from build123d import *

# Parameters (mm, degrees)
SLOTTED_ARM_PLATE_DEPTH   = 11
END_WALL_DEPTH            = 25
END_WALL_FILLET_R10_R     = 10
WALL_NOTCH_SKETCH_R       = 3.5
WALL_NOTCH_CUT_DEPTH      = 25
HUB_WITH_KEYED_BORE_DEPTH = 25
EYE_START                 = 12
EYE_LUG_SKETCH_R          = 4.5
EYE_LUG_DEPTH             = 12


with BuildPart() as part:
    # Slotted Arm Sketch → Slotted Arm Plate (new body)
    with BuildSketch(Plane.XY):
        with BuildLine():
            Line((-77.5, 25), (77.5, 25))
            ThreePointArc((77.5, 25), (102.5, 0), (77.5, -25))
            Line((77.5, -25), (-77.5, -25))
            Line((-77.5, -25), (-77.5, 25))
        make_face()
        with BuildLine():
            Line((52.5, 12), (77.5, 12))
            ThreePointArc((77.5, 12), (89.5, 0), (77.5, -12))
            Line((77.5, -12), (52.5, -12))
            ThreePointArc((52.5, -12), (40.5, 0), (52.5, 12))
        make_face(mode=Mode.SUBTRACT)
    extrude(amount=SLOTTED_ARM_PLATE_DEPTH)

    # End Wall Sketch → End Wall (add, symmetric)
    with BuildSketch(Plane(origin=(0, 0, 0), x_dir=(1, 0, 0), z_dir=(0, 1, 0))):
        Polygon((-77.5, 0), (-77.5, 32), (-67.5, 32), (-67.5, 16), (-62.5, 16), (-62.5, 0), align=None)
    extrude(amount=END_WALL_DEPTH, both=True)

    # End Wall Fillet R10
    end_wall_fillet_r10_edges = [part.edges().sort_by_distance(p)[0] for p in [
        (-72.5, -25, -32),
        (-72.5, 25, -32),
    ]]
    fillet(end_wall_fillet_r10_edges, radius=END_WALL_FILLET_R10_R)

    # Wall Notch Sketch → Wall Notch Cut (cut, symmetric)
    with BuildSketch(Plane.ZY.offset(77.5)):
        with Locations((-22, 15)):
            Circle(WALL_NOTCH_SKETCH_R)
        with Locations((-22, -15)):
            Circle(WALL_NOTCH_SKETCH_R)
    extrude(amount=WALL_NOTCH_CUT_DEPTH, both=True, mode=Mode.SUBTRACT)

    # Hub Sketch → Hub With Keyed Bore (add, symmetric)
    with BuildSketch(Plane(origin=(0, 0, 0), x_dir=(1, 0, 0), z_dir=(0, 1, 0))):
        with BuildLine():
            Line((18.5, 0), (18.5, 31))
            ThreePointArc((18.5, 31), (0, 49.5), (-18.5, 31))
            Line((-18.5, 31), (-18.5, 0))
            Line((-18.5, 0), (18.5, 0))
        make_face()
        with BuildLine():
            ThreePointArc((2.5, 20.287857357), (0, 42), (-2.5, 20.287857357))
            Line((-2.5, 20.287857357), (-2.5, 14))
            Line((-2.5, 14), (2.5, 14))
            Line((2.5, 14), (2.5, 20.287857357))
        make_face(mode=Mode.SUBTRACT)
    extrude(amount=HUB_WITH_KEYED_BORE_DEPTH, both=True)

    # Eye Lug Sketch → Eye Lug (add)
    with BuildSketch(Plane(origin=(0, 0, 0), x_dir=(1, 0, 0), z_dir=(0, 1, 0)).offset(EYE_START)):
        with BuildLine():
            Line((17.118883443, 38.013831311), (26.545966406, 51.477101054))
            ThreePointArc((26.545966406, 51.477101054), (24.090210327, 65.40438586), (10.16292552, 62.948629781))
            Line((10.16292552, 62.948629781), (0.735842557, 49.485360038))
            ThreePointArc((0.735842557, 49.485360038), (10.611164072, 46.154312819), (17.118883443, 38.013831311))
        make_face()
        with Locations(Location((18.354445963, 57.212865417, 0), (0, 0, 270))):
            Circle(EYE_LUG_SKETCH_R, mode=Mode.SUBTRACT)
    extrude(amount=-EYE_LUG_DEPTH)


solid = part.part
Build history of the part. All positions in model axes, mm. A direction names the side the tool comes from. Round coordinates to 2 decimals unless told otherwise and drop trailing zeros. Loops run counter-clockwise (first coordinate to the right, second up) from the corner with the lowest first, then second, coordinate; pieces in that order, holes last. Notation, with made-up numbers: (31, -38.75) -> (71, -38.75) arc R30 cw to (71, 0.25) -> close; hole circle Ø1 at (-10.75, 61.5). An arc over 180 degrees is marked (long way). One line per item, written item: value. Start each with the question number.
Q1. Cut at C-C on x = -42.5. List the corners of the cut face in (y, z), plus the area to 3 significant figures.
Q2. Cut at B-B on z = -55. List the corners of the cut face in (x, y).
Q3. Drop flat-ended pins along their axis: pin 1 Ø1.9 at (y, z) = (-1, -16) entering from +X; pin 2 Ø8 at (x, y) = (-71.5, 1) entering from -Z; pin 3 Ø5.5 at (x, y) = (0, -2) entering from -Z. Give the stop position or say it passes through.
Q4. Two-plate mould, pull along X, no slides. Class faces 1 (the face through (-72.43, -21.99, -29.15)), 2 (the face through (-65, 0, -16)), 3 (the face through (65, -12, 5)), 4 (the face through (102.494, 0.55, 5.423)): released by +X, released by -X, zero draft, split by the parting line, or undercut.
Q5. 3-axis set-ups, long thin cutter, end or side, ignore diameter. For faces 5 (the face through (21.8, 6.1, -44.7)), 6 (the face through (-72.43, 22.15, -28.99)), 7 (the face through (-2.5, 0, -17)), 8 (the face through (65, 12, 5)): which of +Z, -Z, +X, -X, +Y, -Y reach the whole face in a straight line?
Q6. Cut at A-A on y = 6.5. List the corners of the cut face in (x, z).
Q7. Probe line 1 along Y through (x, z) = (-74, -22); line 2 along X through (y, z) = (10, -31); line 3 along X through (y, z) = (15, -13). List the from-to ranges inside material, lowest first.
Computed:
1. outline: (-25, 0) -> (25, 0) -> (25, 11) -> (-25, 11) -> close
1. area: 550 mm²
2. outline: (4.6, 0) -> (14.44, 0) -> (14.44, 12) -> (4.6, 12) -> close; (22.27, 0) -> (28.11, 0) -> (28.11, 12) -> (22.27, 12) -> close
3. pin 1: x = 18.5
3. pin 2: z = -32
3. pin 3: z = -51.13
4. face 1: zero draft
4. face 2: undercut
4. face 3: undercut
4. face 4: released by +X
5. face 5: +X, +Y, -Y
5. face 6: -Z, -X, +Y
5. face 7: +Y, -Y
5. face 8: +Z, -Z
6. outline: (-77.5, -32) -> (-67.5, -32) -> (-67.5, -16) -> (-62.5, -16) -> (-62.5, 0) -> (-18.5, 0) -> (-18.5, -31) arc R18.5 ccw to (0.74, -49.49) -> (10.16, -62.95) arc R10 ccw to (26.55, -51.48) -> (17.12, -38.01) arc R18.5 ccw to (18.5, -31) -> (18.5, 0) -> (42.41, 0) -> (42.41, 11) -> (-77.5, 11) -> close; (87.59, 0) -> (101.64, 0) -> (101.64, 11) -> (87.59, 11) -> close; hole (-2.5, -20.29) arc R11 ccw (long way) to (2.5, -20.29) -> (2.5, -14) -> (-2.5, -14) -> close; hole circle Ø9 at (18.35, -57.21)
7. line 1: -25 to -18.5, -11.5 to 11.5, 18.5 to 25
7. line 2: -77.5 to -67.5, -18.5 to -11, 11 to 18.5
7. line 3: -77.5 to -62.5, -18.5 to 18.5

-------------------------

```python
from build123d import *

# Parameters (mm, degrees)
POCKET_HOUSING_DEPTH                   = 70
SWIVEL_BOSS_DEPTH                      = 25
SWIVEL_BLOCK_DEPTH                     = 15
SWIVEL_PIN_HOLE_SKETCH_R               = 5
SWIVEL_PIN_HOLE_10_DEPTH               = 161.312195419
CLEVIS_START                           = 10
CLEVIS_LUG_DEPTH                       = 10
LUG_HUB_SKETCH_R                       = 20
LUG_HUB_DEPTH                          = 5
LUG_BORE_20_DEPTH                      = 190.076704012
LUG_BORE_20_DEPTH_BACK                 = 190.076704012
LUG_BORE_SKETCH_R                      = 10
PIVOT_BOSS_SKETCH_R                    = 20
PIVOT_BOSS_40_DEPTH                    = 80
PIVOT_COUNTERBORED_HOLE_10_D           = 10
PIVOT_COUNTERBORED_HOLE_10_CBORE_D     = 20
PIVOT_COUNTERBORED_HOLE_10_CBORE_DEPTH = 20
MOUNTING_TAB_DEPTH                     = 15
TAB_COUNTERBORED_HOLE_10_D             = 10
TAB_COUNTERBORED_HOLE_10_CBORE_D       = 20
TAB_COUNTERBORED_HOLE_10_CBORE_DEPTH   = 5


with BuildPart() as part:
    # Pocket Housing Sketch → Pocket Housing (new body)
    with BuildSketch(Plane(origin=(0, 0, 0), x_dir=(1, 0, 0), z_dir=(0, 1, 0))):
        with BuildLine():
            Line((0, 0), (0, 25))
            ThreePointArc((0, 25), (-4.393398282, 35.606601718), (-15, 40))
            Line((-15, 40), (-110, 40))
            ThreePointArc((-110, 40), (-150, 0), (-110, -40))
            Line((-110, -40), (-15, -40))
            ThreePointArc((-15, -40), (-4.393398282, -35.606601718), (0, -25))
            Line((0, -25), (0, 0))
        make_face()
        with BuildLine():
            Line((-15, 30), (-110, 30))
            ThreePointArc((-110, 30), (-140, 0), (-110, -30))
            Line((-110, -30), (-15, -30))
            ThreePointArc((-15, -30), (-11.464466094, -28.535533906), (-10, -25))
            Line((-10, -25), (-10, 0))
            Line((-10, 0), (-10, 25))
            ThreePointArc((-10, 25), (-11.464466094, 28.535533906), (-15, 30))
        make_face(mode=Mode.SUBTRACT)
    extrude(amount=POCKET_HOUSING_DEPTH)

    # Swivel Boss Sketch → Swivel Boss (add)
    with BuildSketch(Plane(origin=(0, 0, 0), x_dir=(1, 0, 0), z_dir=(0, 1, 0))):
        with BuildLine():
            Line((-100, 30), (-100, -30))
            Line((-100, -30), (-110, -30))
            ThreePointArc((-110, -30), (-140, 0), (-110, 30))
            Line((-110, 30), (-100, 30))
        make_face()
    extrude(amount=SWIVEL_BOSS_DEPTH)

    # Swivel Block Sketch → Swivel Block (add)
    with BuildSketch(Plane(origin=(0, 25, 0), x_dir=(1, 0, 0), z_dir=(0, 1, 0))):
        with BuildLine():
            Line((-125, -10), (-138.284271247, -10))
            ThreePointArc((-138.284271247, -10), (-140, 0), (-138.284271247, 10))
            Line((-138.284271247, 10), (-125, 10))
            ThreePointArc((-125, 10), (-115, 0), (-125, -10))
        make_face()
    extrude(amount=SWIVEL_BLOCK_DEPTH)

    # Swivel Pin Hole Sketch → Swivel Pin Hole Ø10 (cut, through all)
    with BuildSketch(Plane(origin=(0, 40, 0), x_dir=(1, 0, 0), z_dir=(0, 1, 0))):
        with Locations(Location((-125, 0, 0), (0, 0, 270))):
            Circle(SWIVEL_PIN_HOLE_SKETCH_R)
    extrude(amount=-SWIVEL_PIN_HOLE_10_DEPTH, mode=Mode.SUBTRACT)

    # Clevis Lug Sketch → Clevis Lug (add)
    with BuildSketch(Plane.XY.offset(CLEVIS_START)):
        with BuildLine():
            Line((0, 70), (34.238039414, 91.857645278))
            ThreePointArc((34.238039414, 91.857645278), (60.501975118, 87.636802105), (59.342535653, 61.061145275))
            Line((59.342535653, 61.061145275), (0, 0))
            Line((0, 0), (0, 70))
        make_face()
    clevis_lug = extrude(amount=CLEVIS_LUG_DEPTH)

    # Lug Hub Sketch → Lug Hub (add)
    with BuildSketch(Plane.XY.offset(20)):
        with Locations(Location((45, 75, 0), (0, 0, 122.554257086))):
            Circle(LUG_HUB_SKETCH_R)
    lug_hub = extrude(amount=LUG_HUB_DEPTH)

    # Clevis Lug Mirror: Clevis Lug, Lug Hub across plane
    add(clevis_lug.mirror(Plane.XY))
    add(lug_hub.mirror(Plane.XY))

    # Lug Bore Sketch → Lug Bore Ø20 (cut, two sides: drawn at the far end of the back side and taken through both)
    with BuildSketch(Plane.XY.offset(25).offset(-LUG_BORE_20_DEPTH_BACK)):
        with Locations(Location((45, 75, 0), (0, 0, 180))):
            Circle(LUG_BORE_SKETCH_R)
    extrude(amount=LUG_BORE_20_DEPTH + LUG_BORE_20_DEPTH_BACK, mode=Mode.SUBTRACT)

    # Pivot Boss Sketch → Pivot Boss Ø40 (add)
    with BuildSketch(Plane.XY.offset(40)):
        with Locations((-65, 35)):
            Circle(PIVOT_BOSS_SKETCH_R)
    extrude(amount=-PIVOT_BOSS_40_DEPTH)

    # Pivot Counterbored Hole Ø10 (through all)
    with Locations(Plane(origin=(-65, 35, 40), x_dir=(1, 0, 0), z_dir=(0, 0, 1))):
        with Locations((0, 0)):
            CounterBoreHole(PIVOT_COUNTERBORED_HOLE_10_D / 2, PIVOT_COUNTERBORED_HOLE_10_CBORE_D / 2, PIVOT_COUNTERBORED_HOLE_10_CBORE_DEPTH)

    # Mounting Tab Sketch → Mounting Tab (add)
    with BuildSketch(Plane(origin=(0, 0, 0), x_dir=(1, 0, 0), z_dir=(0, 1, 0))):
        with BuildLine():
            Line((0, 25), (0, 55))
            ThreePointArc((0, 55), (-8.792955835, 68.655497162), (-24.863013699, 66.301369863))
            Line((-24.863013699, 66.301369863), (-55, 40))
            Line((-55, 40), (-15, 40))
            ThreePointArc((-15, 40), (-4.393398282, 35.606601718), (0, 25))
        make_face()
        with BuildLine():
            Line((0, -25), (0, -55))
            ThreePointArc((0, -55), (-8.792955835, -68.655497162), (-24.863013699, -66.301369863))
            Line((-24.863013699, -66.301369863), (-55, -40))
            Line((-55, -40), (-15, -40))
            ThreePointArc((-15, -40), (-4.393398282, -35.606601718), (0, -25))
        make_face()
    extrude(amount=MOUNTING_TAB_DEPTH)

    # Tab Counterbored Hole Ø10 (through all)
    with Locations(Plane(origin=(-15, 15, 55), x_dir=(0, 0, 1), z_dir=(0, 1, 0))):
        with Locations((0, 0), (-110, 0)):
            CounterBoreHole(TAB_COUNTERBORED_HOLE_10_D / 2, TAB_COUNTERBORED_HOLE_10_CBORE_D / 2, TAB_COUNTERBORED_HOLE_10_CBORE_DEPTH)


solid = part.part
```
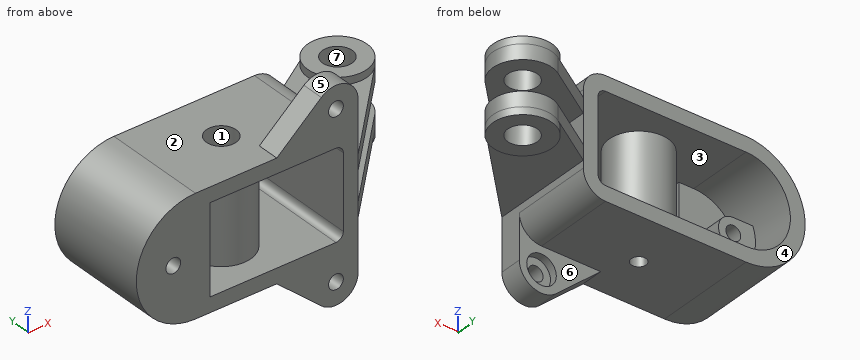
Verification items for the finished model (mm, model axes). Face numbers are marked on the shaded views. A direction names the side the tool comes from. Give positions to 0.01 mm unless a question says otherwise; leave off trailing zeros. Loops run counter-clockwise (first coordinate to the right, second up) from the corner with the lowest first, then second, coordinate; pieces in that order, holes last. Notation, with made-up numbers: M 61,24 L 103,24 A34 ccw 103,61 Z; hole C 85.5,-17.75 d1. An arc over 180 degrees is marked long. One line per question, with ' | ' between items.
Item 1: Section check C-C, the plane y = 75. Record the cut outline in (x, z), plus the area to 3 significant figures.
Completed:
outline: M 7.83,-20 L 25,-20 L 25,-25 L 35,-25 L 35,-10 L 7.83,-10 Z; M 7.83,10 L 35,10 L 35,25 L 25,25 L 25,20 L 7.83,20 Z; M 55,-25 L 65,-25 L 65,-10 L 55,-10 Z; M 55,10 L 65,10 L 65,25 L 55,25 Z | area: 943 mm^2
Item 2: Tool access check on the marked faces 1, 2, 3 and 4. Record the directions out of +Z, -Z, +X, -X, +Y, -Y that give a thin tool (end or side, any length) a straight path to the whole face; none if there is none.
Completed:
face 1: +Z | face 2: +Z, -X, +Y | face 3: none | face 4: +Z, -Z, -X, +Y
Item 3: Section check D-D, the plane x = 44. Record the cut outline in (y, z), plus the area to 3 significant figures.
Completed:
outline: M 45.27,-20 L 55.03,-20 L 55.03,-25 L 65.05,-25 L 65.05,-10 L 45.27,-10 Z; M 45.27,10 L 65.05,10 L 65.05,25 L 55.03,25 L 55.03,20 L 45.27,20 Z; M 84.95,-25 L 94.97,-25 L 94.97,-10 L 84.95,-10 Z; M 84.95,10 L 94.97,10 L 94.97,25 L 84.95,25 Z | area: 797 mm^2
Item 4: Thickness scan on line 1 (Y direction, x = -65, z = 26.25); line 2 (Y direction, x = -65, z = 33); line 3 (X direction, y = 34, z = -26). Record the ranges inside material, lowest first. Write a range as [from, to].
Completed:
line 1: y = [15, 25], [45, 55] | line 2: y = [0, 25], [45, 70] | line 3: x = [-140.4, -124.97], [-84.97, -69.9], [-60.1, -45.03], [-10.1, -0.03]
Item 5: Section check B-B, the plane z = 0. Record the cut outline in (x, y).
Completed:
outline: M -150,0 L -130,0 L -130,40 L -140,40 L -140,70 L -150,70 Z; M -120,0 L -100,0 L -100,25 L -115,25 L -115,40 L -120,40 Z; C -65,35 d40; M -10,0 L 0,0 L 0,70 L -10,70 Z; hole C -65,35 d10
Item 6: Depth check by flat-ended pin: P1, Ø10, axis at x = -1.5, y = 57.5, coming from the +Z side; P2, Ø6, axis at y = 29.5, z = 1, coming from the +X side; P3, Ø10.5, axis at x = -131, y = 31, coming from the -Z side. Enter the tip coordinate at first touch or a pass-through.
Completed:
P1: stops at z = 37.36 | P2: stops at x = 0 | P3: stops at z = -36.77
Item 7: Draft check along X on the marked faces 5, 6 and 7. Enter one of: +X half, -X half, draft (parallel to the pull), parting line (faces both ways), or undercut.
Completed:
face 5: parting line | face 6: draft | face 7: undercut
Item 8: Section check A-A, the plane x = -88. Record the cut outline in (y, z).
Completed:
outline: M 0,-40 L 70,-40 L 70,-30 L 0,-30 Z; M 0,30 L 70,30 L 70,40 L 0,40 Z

-------------------------

Instructions for the task –
Find out how many lines in the listing contain the word "marked", and respond with that number only.

Answer for the task –
4